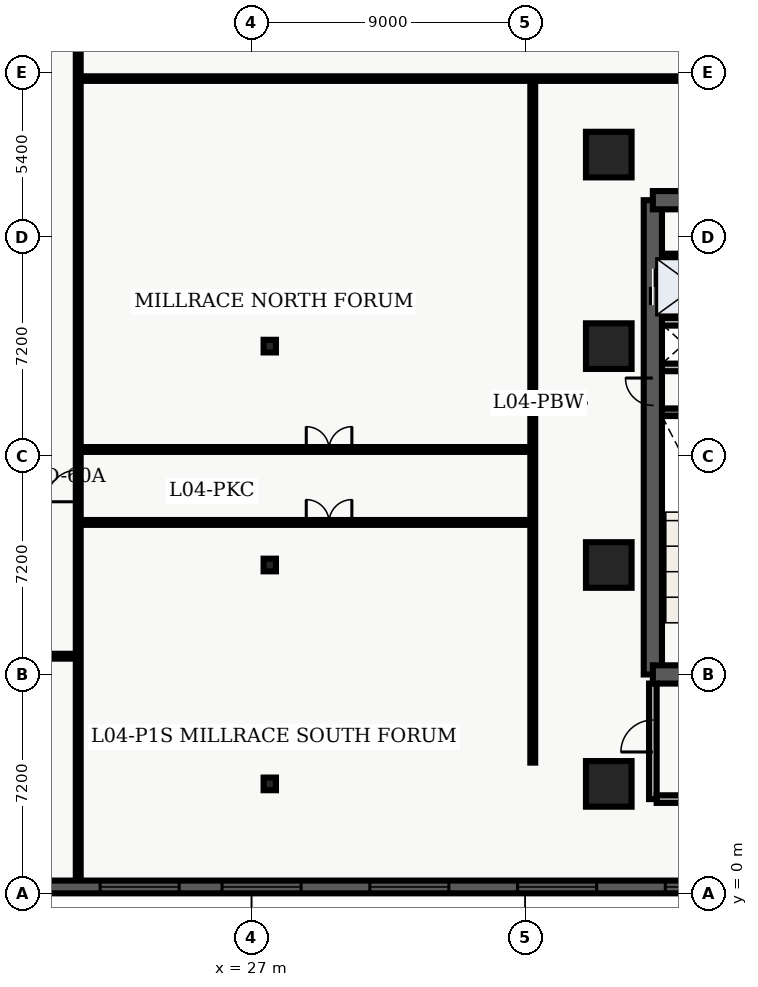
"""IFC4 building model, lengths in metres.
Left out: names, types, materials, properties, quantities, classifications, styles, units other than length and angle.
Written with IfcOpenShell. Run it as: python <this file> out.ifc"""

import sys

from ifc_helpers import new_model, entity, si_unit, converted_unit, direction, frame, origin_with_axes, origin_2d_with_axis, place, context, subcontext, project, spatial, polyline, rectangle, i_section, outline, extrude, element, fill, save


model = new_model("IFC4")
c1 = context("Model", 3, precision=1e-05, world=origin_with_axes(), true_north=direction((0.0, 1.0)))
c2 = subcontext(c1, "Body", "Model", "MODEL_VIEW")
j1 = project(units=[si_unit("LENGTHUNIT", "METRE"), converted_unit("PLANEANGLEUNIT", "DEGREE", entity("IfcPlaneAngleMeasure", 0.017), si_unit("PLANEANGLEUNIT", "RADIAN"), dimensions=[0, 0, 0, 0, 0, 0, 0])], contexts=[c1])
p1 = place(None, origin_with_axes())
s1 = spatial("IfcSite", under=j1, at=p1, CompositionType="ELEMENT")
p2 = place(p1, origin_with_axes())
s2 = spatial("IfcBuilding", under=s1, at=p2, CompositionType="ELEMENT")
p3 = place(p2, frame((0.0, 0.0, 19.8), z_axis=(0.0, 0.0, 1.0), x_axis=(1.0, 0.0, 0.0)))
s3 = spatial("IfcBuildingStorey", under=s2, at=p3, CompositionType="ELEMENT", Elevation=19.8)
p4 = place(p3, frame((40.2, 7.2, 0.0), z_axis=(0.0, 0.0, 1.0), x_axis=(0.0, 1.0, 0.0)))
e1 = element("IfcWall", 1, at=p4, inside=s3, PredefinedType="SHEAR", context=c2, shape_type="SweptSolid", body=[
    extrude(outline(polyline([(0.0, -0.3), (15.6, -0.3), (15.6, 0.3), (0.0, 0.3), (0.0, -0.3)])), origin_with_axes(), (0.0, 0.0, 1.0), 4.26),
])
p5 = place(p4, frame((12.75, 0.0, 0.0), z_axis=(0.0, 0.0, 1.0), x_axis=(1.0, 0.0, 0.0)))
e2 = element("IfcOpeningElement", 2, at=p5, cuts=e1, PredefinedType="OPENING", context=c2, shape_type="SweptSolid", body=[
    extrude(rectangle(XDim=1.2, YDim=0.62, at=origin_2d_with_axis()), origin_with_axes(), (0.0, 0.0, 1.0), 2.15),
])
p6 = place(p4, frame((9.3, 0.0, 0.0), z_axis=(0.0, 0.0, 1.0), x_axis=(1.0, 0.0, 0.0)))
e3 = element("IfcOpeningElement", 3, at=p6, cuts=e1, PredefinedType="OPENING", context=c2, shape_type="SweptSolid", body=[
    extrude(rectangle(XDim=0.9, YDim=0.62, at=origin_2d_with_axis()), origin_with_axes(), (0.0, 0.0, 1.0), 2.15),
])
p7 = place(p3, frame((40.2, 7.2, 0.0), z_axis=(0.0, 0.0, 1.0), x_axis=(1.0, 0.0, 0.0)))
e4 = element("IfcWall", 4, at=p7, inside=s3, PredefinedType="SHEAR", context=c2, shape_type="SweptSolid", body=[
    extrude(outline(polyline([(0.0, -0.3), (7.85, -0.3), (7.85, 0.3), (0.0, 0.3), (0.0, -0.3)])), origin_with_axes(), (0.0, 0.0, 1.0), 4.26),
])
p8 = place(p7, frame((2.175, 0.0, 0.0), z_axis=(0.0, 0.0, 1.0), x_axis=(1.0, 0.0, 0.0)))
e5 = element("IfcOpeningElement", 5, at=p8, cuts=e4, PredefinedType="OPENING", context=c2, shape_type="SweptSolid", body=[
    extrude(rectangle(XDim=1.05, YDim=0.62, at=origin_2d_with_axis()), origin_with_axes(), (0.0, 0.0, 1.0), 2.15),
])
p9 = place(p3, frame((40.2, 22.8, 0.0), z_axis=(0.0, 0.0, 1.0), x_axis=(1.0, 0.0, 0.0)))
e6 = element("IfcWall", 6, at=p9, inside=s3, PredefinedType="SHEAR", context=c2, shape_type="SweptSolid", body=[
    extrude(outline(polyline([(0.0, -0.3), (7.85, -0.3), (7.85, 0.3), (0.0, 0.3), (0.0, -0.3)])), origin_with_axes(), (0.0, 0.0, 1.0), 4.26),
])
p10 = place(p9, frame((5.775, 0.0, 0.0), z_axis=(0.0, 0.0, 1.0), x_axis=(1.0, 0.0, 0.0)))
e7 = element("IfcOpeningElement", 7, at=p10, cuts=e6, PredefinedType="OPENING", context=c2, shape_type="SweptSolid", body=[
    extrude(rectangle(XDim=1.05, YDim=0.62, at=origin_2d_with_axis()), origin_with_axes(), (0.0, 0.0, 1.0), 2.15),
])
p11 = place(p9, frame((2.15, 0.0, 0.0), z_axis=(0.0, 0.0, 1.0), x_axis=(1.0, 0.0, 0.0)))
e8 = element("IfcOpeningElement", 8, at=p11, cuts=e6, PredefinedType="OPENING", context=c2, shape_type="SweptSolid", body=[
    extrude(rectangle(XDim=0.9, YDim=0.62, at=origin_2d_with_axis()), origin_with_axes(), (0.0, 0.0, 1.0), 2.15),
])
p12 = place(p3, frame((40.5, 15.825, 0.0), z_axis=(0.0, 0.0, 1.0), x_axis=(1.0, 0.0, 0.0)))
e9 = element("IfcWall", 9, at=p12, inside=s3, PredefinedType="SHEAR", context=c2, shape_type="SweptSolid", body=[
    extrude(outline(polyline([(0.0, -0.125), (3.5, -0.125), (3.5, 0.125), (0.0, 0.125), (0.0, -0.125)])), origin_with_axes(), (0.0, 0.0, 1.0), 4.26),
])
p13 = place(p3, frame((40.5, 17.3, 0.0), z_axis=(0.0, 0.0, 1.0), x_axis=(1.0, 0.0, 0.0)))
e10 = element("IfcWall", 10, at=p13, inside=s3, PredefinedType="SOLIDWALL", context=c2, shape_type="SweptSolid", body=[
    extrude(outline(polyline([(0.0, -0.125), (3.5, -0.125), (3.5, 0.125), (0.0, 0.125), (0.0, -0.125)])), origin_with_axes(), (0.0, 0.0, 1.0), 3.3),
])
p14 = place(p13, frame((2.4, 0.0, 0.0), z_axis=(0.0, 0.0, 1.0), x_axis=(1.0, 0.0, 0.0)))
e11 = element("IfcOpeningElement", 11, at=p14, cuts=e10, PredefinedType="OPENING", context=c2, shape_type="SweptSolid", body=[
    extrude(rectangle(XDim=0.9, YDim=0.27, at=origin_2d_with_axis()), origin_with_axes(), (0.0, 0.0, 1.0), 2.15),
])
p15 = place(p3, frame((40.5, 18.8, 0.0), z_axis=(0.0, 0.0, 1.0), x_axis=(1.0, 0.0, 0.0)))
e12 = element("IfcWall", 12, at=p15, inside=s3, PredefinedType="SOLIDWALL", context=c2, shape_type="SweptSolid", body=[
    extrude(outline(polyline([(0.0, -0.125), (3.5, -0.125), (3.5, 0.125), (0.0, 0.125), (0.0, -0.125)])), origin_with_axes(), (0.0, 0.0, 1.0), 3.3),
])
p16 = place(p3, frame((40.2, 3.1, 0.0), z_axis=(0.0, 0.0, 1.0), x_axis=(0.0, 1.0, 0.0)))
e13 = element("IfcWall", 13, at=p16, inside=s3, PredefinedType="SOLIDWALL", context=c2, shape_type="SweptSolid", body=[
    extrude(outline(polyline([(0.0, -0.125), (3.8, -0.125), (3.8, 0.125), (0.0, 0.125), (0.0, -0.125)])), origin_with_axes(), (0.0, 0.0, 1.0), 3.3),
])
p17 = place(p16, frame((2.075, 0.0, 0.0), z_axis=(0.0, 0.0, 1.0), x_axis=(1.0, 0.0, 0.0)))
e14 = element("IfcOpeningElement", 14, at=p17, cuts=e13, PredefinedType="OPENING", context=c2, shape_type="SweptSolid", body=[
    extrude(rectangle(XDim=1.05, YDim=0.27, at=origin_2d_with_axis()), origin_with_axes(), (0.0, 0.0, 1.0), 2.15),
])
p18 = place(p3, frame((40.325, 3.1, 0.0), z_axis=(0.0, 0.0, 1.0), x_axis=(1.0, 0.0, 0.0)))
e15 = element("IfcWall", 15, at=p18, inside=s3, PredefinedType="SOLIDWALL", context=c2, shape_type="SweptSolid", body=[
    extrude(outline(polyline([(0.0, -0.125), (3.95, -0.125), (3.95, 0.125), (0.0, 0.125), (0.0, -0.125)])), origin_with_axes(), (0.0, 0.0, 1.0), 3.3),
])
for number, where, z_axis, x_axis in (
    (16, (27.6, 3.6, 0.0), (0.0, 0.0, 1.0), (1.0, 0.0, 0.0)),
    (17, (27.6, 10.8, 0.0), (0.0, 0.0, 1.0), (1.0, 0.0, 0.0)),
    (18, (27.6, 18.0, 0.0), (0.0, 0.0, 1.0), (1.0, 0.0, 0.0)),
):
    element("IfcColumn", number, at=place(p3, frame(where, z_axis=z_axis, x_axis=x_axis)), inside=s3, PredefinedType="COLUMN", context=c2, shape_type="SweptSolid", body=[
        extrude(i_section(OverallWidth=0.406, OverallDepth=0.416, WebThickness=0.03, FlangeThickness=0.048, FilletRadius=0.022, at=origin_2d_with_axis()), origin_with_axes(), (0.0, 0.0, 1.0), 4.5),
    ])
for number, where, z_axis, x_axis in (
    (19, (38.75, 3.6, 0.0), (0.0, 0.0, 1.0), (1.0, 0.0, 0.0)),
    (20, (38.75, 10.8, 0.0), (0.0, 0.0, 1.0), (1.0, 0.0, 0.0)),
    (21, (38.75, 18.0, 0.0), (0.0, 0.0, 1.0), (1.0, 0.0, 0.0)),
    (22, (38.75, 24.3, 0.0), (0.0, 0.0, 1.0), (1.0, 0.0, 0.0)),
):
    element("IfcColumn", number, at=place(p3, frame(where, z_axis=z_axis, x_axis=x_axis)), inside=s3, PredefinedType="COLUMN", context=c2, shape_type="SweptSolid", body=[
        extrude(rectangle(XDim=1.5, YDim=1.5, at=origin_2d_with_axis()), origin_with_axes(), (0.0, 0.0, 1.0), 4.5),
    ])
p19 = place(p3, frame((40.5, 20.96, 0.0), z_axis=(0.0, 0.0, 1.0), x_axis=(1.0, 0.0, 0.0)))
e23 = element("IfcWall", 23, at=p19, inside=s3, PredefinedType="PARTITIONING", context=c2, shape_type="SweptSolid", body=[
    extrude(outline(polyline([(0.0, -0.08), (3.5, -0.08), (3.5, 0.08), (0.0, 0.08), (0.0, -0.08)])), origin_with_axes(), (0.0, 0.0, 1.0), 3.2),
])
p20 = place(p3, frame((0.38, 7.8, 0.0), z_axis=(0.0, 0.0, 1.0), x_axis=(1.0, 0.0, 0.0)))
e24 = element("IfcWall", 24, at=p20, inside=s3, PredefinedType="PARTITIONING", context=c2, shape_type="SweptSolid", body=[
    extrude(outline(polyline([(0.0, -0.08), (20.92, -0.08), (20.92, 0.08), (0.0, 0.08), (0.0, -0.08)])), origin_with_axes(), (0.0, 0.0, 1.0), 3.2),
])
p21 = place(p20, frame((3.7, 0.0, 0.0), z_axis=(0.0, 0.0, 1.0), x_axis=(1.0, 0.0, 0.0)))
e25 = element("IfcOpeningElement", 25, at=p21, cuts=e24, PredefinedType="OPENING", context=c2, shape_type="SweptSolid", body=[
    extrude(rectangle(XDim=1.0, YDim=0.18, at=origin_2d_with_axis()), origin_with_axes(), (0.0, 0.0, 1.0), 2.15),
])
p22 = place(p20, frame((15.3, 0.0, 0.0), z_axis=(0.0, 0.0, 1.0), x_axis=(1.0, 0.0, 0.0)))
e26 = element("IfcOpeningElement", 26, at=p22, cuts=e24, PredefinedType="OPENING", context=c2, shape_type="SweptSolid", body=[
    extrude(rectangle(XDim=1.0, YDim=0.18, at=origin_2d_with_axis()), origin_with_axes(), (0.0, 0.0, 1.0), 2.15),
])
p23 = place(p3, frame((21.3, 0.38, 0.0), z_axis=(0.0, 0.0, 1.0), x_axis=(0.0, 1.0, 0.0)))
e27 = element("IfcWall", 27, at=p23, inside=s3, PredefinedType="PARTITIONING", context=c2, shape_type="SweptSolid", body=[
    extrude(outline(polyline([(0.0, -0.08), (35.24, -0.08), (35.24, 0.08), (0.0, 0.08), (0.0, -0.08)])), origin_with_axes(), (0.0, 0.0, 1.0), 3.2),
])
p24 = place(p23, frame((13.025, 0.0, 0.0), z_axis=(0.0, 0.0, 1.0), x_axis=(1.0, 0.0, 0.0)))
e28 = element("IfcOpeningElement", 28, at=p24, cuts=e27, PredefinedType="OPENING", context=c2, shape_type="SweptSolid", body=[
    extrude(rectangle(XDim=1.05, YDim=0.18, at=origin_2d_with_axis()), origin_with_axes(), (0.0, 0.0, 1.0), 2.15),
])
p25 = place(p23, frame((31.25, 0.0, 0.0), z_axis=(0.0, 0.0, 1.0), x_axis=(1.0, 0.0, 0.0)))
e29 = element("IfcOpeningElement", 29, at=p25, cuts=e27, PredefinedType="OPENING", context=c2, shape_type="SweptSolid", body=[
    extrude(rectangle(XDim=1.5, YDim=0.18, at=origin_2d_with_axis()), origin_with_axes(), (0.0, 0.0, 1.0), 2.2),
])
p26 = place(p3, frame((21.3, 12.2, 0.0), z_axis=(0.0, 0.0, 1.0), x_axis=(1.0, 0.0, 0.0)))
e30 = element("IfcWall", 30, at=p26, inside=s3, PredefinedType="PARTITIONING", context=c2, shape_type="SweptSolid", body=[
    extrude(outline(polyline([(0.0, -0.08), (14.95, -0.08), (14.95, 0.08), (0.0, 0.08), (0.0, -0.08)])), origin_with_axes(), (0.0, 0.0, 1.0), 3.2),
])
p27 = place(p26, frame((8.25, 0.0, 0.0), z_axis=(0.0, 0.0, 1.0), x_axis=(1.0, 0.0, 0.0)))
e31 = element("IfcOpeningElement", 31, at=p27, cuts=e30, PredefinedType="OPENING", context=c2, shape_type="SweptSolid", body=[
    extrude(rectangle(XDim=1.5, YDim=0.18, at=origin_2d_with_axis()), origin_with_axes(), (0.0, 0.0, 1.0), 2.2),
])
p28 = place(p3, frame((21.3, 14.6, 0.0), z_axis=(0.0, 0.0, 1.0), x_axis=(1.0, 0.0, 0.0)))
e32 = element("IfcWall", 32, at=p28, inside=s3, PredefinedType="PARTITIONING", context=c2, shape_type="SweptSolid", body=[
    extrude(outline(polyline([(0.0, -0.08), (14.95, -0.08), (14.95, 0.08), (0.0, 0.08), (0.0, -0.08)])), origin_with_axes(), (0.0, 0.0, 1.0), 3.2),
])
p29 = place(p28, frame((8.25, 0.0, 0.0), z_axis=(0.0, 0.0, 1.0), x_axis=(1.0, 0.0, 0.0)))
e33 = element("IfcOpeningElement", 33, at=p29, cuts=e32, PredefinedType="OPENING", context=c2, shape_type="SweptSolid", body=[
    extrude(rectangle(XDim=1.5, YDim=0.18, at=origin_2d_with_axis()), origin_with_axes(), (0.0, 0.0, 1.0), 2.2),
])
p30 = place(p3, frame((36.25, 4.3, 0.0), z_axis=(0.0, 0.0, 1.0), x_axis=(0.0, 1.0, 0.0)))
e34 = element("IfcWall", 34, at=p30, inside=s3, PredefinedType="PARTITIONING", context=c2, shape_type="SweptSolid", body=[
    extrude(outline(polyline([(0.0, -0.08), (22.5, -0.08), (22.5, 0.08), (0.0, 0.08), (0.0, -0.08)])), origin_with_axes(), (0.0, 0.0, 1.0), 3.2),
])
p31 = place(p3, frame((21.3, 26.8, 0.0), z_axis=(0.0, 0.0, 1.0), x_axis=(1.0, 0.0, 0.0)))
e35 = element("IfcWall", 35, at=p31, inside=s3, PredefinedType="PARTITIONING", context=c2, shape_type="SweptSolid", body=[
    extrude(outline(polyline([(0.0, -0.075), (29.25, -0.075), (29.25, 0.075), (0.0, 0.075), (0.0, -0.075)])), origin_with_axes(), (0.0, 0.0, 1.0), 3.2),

● ● ●

* PROBLEM DETAILS
For each line above that contains the word "subcontext", make a copy.

* ANSWER FOR THE TASK
from ifc_helpers import new_model, entity, si_unit, converted_unit, direction, frame, origin_with_axes, origin_2d_with_axis, place, context, subcontext, project, spatial, polyline, rectangle, i_section, outline, extrude, element, fill, save
c2 = subcontext(c1, "Body", "Model", "MODEL_VIEW")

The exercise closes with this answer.